**Saved entries**
──────────────────────────────

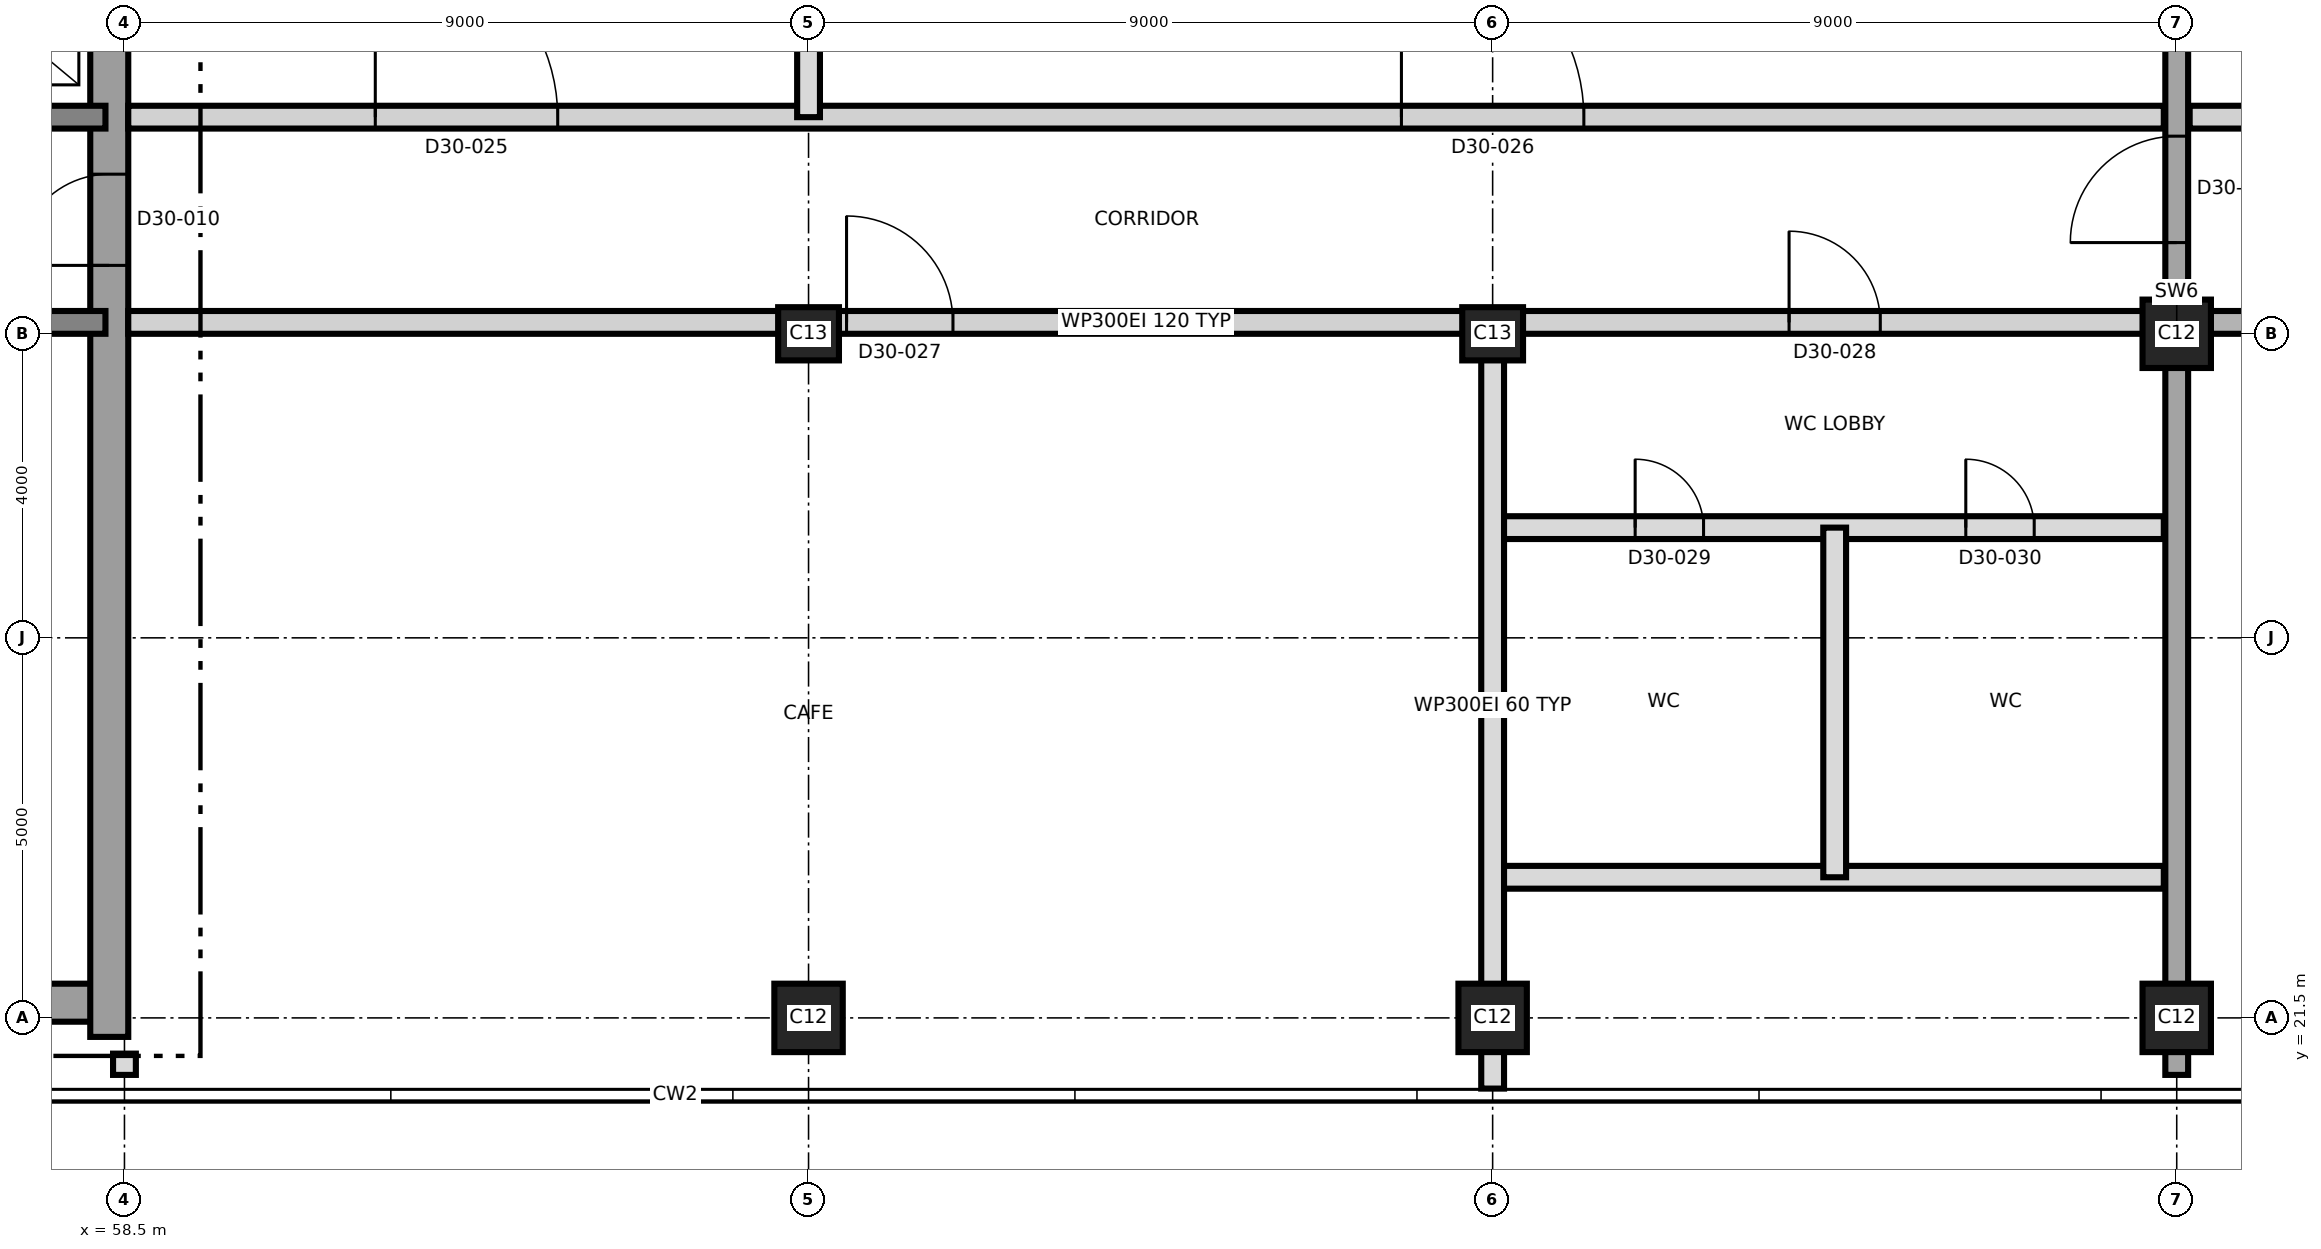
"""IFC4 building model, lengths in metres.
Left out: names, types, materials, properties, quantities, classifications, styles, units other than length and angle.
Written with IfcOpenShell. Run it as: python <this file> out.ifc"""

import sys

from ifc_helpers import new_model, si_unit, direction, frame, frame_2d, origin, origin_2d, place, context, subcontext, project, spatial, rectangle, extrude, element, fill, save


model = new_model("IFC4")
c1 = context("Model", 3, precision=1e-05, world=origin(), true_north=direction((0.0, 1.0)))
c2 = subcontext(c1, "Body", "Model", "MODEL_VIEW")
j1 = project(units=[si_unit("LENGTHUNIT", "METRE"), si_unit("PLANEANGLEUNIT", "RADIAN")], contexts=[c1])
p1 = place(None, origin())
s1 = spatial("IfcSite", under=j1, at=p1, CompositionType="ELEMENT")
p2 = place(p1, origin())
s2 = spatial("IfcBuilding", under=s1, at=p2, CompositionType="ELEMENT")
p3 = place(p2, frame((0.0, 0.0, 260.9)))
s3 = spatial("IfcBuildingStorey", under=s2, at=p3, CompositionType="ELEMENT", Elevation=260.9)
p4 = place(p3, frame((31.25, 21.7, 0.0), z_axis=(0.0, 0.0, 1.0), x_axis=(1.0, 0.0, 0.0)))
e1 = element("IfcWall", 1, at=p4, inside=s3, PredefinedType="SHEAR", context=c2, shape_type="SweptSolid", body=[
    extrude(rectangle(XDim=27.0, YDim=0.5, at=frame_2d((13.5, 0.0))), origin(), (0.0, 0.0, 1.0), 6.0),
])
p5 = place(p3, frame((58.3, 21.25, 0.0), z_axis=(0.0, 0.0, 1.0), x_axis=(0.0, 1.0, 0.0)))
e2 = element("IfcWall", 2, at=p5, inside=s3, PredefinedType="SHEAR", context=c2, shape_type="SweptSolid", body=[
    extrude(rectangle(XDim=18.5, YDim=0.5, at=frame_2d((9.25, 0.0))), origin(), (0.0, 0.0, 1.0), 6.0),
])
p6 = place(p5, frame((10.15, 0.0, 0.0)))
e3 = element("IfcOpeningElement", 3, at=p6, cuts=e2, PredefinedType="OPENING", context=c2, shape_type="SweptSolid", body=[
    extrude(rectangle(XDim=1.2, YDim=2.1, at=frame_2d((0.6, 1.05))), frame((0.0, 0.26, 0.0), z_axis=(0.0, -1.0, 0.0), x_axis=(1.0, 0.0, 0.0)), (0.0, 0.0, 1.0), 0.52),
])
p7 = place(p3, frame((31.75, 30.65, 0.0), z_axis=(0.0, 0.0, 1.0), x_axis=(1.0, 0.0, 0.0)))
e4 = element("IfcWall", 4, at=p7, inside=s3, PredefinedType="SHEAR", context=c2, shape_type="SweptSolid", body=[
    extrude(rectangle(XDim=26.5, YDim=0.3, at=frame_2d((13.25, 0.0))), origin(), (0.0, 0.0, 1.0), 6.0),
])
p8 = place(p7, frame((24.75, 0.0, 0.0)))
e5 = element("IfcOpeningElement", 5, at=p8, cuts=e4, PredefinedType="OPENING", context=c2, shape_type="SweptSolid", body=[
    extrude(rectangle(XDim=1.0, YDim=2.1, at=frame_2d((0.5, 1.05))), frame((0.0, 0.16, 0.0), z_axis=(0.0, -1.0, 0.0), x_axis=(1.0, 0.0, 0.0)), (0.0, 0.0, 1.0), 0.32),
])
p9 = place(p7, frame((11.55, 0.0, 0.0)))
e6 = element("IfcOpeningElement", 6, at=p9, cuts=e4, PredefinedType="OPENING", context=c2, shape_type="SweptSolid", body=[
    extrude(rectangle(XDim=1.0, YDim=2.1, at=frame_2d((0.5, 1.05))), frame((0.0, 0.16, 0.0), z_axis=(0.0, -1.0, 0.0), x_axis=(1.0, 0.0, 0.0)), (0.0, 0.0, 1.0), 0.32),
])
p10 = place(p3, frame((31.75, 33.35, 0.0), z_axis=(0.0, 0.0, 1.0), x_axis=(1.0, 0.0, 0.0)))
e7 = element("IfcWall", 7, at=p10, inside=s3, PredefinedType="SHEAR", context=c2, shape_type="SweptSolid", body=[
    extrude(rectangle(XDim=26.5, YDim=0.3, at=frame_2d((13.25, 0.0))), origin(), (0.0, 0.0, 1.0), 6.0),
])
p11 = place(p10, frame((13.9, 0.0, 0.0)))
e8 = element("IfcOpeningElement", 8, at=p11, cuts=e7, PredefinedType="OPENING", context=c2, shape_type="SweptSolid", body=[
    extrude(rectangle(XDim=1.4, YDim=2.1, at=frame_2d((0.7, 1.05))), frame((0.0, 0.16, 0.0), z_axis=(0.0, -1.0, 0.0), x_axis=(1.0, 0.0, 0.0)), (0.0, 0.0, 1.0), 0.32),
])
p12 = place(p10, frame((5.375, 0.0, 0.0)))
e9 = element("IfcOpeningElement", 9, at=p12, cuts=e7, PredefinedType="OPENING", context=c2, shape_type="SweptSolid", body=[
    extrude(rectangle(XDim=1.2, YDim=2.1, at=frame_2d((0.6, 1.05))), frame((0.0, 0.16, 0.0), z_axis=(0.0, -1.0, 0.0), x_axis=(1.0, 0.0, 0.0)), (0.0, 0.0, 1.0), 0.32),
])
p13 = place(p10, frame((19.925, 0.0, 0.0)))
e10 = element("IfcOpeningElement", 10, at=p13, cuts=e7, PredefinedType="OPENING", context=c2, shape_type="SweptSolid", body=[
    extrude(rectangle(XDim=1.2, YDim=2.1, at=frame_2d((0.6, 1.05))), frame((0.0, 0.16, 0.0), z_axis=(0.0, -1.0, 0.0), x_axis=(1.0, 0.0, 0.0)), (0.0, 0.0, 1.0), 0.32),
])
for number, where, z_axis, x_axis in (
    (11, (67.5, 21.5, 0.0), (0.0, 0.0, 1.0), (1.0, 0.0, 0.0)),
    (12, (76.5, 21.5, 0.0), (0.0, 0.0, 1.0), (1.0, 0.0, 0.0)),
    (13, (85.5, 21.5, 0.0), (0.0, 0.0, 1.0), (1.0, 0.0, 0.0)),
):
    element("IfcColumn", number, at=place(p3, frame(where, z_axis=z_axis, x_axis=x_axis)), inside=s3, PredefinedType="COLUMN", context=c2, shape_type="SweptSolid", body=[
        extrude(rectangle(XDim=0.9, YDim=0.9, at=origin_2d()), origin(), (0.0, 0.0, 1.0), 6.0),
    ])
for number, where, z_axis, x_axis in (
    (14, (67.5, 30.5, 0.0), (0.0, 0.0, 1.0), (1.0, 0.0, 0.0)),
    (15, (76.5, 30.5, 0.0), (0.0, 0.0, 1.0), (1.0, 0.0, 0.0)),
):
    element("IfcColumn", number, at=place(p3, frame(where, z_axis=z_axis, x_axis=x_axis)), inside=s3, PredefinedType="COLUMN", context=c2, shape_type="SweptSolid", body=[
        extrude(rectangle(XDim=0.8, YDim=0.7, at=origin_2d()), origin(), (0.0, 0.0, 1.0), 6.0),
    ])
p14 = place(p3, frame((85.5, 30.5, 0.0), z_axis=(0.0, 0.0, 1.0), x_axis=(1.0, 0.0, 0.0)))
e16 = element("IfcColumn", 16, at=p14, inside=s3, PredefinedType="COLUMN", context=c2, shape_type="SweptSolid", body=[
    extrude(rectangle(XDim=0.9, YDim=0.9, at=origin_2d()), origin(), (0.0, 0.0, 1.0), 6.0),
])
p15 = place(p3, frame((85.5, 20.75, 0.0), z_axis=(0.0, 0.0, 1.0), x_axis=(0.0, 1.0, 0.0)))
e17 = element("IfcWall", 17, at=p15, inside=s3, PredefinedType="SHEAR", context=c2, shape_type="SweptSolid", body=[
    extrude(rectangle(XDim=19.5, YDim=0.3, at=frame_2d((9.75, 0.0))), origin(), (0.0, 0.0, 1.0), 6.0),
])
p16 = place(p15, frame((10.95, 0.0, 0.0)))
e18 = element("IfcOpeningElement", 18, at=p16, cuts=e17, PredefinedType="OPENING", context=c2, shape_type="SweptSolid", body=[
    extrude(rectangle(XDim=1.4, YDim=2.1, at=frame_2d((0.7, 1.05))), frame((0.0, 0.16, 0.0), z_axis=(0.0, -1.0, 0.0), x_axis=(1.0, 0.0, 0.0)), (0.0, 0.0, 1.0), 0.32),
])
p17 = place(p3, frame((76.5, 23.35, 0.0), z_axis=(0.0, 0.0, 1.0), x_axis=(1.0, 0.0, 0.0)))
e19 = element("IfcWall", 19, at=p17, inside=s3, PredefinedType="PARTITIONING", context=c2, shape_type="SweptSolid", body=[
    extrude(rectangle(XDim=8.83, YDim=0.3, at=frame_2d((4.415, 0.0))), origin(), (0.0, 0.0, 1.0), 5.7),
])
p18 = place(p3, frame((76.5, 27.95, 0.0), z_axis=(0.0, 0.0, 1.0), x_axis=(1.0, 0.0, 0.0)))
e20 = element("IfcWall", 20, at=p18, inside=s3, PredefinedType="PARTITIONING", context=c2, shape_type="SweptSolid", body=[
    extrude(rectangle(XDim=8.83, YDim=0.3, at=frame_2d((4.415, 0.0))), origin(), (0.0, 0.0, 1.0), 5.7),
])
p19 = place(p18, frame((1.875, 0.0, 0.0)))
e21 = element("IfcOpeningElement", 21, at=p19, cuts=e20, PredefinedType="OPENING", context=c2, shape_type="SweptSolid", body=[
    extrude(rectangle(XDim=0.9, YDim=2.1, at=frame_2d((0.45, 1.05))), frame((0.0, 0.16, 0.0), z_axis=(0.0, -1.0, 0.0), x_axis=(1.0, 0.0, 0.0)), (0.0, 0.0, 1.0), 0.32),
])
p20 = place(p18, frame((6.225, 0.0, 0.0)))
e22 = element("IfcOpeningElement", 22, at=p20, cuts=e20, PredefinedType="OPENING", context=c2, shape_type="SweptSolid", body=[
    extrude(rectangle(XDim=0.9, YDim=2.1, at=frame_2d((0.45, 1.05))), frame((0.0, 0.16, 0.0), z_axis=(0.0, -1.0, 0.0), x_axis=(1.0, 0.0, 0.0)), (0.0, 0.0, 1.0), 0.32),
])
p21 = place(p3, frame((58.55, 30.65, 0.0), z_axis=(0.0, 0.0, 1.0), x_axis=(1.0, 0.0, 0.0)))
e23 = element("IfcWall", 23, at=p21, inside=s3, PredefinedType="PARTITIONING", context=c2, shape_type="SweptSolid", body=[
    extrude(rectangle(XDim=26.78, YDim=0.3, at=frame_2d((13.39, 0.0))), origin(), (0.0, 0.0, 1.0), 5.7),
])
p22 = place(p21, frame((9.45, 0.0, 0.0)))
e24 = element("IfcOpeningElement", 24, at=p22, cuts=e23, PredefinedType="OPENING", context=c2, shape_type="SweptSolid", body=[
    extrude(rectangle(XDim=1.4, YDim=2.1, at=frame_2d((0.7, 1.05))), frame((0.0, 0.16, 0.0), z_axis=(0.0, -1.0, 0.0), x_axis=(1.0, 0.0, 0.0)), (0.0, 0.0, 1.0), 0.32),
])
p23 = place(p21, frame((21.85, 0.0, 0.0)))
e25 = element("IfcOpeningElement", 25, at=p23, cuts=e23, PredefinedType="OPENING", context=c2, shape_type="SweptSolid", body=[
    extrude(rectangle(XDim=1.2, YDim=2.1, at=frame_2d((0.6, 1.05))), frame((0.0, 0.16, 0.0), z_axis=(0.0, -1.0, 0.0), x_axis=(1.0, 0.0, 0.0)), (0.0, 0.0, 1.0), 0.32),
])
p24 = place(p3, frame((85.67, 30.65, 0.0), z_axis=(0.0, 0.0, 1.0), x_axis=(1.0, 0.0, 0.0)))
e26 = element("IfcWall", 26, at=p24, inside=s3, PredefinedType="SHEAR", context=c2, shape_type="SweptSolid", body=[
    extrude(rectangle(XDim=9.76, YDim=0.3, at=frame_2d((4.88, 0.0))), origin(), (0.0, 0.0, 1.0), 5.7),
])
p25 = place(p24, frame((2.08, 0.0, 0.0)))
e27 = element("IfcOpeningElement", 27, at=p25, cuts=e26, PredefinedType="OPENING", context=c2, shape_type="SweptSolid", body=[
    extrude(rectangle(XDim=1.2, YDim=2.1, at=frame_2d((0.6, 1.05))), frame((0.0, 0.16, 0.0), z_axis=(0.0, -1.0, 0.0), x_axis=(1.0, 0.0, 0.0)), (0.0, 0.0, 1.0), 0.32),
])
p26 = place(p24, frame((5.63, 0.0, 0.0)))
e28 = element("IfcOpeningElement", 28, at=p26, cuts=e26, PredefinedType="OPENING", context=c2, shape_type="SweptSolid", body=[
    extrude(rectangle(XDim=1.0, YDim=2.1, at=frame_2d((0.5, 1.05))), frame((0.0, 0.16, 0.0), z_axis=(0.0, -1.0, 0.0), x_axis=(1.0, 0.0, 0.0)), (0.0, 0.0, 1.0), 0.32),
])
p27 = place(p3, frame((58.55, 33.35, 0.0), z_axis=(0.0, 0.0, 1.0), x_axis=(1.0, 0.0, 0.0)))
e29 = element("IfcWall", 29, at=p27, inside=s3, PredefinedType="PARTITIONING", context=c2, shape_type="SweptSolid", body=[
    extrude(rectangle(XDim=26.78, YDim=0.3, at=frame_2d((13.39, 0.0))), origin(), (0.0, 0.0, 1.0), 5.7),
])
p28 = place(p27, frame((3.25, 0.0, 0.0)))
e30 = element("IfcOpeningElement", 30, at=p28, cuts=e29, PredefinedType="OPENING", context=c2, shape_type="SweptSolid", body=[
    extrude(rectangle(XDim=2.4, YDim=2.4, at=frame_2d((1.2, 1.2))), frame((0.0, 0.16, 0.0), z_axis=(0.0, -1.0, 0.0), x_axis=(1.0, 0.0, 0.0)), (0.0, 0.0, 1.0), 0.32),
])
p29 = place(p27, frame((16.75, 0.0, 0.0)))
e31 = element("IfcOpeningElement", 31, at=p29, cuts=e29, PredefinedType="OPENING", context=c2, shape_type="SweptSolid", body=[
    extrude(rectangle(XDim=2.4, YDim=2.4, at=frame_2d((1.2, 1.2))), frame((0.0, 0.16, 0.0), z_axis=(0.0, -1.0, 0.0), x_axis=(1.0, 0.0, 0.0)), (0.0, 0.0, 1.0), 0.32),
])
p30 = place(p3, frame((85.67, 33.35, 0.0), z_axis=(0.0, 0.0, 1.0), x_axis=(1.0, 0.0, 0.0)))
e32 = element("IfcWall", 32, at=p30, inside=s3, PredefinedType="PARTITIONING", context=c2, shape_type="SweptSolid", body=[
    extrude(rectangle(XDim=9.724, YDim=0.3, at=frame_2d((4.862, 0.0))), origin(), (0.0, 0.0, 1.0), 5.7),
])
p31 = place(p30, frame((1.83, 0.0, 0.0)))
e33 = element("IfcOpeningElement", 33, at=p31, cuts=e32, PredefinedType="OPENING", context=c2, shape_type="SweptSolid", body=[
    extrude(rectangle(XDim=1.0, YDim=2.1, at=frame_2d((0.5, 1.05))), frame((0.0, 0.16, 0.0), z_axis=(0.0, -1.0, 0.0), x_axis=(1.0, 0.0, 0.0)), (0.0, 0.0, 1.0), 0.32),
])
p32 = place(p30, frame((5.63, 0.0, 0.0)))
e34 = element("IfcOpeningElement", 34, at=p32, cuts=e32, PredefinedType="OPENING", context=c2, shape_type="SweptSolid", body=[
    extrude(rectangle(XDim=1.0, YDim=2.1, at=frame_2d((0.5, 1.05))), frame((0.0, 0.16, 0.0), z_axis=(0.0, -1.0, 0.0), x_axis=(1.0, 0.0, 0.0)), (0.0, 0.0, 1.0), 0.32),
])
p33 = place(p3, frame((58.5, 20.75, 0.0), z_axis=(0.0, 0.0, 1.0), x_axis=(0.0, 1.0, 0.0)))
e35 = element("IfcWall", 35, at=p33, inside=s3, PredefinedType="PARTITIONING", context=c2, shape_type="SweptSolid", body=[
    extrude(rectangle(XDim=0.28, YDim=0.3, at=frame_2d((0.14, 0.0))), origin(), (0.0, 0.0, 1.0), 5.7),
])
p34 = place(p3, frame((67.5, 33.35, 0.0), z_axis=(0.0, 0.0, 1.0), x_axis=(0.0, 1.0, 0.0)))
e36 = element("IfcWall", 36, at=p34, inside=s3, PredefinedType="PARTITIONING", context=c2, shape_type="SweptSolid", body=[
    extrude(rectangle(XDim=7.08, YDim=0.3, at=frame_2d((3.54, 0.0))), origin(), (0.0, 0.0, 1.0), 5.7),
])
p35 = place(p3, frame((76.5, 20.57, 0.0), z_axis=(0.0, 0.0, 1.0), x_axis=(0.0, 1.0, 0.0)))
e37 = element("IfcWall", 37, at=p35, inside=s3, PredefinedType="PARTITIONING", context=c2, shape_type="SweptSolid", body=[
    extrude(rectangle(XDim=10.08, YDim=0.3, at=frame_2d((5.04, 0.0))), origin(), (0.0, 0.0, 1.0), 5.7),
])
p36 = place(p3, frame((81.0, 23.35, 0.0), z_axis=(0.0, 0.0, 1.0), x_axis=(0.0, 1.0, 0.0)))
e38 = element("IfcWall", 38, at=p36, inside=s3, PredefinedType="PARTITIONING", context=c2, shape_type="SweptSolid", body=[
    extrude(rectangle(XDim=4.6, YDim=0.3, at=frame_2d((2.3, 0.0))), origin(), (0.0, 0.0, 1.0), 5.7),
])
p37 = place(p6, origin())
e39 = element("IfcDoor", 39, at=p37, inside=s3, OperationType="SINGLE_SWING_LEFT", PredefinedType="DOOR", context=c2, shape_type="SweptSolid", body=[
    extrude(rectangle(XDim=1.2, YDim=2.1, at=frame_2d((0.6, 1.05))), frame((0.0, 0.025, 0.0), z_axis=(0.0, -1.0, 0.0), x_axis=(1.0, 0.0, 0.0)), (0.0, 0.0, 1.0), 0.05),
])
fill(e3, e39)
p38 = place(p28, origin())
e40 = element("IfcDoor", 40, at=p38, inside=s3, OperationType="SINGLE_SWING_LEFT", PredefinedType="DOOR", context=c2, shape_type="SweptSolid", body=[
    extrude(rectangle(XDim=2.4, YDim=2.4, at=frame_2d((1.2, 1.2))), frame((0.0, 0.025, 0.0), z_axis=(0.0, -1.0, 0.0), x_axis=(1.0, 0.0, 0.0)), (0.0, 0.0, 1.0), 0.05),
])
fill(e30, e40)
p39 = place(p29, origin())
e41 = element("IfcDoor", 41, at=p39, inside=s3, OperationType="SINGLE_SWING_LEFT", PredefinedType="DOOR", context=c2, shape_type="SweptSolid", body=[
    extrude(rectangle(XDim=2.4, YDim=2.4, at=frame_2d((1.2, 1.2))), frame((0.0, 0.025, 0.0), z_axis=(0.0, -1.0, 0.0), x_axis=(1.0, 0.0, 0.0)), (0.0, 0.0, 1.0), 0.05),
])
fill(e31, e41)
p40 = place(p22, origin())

──────────────────────────────

Out of the entries, report each line that contains the word "units".

Left out: names, types, materials, properties, quantities, classifications, styles, units other than length and angle.
j1 = project(units=[si_unit("LENGTHUNIT", "METRE"), si_unit("PLANEANGLEUNIT", "RADIAN")], contexts=[c1])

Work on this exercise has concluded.